(Collected data entries)
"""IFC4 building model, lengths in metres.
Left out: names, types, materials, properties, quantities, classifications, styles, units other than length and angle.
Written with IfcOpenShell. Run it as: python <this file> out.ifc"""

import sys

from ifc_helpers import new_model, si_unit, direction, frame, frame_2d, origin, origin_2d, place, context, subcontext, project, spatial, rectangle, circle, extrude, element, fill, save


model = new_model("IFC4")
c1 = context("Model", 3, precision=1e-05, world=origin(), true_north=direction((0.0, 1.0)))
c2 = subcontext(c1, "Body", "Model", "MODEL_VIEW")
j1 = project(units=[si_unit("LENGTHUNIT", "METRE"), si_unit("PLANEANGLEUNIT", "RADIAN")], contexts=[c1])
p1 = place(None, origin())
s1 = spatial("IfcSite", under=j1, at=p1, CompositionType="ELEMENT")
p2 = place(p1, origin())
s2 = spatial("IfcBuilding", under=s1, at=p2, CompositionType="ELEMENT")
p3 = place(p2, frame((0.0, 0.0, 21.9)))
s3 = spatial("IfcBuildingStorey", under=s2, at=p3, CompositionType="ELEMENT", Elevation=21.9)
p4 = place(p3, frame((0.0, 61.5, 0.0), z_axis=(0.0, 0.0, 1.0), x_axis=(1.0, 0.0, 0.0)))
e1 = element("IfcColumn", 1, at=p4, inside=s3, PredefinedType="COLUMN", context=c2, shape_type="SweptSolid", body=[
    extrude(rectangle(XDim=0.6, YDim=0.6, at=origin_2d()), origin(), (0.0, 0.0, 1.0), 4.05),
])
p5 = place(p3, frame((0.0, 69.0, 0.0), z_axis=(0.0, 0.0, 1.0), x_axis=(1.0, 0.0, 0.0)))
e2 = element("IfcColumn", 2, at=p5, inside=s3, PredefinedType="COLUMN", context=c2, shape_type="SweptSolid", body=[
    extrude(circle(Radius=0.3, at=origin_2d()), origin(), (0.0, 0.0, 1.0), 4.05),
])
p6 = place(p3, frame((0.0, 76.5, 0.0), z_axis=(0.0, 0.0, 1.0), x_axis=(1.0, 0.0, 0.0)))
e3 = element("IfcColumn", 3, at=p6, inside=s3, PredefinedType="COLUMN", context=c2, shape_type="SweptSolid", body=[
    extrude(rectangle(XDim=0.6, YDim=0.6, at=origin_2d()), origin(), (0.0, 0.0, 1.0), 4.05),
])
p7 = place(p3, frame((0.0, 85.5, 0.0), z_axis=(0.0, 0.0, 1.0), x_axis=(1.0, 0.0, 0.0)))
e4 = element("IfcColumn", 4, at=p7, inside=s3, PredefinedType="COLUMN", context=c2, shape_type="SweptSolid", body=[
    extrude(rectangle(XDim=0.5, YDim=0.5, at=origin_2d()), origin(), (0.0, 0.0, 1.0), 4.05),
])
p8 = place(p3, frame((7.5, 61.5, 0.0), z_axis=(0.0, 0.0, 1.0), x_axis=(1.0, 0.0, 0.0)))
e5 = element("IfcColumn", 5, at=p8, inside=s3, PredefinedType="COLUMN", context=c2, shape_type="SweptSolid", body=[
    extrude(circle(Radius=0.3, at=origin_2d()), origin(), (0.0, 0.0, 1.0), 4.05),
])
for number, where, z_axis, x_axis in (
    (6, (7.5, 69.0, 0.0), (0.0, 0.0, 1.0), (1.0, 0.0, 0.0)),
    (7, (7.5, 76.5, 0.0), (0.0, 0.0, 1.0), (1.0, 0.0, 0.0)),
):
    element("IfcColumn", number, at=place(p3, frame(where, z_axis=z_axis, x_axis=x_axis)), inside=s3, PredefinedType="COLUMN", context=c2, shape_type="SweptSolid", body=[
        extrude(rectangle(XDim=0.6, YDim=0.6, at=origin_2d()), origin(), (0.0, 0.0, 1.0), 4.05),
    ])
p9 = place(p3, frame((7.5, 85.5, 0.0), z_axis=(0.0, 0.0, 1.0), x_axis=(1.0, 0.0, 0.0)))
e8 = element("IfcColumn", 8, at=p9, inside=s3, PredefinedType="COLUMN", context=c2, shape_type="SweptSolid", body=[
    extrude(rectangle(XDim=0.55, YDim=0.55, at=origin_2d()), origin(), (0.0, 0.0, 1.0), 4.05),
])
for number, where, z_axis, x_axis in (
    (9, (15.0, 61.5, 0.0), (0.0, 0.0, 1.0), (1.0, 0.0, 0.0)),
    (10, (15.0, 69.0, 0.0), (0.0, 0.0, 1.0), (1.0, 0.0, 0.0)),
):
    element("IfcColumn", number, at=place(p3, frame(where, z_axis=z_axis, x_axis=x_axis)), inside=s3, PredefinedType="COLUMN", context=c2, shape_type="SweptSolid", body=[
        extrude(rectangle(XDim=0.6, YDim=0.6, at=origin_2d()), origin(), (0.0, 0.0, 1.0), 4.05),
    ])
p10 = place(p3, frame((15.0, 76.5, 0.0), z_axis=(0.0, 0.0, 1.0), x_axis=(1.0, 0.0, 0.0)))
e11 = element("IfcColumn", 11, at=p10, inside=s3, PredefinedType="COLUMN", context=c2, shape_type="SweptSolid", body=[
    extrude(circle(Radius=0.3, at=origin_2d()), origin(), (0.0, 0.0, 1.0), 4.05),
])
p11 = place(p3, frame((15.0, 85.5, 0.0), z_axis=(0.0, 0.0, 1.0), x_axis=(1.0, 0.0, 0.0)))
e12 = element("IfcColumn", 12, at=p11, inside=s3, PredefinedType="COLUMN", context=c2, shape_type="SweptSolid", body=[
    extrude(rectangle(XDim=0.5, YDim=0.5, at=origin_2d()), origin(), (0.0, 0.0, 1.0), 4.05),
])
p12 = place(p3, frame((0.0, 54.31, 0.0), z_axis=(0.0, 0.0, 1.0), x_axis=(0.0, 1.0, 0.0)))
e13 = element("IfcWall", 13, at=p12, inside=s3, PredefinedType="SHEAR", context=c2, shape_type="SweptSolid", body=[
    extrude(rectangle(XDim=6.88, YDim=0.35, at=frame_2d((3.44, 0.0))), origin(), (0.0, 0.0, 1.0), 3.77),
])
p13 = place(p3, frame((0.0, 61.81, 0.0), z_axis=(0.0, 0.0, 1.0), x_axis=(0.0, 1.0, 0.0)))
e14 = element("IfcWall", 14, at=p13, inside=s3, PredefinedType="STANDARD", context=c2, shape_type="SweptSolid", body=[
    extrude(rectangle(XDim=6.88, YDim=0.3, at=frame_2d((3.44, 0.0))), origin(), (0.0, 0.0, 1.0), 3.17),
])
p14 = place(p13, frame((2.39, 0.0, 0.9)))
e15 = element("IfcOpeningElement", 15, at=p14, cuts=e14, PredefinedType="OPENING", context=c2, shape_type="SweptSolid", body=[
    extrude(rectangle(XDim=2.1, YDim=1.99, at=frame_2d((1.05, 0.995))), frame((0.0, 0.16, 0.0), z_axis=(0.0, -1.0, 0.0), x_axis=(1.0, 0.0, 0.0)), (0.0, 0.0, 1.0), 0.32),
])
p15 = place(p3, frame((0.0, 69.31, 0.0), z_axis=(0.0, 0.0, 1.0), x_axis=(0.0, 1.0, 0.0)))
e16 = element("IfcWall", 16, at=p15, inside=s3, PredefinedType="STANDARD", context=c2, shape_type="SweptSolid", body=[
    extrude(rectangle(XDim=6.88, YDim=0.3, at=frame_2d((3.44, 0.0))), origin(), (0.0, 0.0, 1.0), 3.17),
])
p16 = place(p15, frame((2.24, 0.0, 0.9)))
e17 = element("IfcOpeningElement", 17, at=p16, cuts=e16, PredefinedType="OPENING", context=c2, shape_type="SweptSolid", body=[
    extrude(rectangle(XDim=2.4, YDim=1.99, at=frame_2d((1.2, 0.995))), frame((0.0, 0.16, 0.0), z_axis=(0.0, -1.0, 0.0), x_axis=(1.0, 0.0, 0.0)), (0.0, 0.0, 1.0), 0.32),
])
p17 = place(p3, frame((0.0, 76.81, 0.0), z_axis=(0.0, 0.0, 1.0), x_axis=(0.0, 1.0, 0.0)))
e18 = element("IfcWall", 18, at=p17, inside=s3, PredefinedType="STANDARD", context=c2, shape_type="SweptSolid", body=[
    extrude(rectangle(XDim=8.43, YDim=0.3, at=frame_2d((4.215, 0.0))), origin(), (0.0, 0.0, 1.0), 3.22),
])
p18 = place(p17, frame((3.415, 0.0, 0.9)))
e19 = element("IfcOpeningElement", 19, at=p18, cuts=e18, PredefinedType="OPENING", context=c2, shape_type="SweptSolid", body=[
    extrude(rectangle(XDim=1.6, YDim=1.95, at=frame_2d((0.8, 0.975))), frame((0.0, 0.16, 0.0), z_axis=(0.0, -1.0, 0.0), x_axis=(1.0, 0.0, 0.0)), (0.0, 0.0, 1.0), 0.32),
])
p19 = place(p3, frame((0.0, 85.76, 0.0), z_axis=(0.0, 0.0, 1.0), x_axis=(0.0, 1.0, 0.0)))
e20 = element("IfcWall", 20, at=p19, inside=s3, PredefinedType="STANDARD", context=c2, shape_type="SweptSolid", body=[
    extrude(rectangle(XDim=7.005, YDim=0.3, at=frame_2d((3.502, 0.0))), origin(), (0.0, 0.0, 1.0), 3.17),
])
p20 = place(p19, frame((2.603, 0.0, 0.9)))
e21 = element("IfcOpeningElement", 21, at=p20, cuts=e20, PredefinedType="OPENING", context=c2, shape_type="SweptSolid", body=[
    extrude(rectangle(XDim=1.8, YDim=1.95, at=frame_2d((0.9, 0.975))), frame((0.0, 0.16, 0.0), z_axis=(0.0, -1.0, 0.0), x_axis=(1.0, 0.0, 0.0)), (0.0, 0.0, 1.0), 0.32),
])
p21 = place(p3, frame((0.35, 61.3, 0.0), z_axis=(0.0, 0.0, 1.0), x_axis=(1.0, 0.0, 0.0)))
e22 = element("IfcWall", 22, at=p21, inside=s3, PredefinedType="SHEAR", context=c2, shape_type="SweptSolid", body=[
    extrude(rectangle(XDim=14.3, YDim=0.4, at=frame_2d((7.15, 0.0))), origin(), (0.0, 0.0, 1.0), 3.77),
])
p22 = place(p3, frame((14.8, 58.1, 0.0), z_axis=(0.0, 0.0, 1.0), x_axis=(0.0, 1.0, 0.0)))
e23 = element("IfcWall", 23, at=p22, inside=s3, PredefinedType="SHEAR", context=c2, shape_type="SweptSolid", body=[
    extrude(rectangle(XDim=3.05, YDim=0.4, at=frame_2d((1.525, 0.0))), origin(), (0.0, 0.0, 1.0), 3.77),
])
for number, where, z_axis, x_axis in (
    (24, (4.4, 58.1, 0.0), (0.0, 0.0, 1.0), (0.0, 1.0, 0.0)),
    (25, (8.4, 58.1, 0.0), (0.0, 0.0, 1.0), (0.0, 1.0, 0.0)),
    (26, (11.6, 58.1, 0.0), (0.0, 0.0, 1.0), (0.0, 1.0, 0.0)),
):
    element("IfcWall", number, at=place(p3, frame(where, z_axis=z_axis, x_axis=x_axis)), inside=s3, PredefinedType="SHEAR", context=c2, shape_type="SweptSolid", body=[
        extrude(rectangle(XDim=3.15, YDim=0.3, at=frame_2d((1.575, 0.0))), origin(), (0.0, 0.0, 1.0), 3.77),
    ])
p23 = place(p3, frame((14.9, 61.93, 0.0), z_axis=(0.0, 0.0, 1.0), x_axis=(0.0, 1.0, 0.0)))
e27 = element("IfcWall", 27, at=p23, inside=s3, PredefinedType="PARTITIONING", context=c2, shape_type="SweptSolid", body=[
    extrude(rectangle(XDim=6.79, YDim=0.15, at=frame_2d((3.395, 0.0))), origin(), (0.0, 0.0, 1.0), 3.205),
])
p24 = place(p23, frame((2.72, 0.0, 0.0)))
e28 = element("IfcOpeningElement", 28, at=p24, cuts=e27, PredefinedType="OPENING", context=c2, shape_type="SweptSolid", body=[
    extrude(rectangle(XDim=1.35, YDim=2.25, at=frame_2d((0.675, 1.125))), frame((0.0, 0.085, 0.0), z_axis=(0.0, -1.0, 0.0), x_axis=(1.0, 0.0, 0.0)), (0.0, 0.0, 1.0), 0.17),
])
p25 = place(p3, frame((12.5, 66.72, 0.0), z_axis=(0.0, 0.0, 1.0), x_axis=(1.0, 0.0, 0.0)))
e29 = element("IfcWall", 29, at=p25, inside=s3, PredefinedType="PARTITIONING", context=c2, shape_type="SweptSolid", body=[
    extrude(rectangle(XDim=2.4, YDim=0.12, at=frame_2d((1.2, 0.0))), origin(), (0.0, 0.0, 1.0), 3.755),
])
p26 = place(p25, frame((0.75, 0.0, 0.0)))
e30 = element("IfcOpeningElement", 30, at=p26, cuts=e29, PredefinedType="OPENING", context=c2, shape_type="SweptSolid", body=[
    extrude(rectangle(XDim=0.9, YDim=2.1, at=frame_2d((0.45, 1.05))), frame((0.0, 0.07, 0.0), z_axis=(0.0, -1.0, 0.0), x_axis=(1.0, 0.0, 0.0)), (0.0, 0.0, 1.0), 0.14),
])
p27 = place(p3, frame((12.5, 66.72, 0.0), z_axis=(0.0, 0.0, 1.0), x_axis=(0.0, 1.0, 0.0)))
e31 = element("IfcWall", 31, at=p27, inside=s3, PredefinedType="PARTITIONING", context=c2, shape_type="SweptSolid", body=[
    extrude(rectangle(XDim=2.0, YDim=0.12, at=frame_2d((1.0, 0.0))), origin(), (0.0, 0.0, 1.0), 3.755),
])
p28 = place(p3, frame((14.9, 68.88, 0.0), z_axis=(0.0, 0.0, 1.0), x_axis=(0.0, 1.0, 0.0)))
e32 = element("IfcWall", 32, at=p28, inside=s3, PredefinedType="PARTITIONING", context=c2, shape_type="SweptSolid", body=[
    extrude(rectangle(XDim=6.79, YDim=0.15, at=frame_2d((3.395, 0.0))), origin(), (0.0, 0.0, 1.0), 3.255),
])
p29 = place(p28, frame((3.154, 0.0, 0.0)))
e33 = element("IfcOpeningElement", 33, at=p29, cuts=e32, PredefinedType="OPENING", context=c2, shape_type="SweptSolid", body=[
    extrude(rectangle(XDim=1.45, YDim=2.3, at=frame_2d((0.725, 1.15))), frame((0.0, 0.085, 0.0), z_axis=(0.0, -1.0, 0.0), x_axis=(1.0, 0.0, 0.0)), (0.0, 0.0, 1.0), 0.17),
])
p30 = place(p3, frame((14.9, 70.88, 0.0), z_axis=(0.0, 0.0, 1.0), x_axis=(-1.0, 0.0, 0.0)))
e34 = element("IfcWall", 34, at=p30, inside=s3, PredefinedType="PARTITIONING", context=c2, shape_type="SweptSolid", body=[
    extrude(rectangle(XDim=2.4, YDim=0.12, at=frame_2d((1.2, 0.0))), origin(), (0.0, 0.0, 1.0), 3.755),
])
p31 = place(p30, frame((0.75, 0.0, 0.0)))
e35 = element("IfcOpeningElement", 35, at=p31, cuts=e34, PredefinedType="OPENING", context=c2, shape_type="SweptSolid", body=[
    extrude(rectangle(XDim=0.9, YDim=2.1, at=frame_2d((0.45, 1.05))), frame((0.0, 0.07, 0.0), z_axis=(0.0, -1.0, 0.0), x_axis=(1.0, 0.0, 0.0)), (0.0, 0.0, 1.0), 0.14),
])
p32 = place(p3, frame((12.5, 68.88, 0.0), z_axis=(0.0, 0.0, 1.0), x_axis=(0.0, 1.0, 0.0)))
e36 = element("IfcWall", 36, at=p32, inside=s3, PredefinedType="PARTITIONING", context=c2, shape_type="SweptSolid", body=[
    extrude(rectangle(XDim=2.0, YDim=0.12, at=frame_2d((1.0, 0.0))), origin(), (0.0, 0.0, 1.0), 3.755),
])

**YOUR GOAL:** All that belongs in the answer is an exact copy of the lines from the start of the records above through the line with "p2 = place(p1, origin())".

**RESULT FOR THIS EXERCISE:**
"""IFC4 building model, lengths in metres.
Left out: names, types, materials, properties, quantities, classifications, styles, units other than length and angle.
Written with IfcOpenShell. Run it as: python <this file> out.ifc"""

import sys

from ifc_helpers import new_model, si_unit, direction, frame, frame_2d, origin, origin_2d, place, context, subcontext, project, spatial, rectangle, circle, extrude, element, fill, save


model = new_model("IFC4")
c1 = context("Model", 3, precision=1e-05, world=origin(), true_north=direction((0.0, 1.0)))
c2 = subcontext(c1, "Body", "Model", "MODEL_VIEW")
j1 = project(units=[si_unit("LENGTHUNIT", "METRE"), si_unit("PLANEANGLEUNIT", "RADIAN")], contexts=[c1])
p1 = place(None, origin())
s1 = spatial("IfcSite", under=j1, at=p1, CompositionType="ELEMENT")
p2 = place(p1, origin())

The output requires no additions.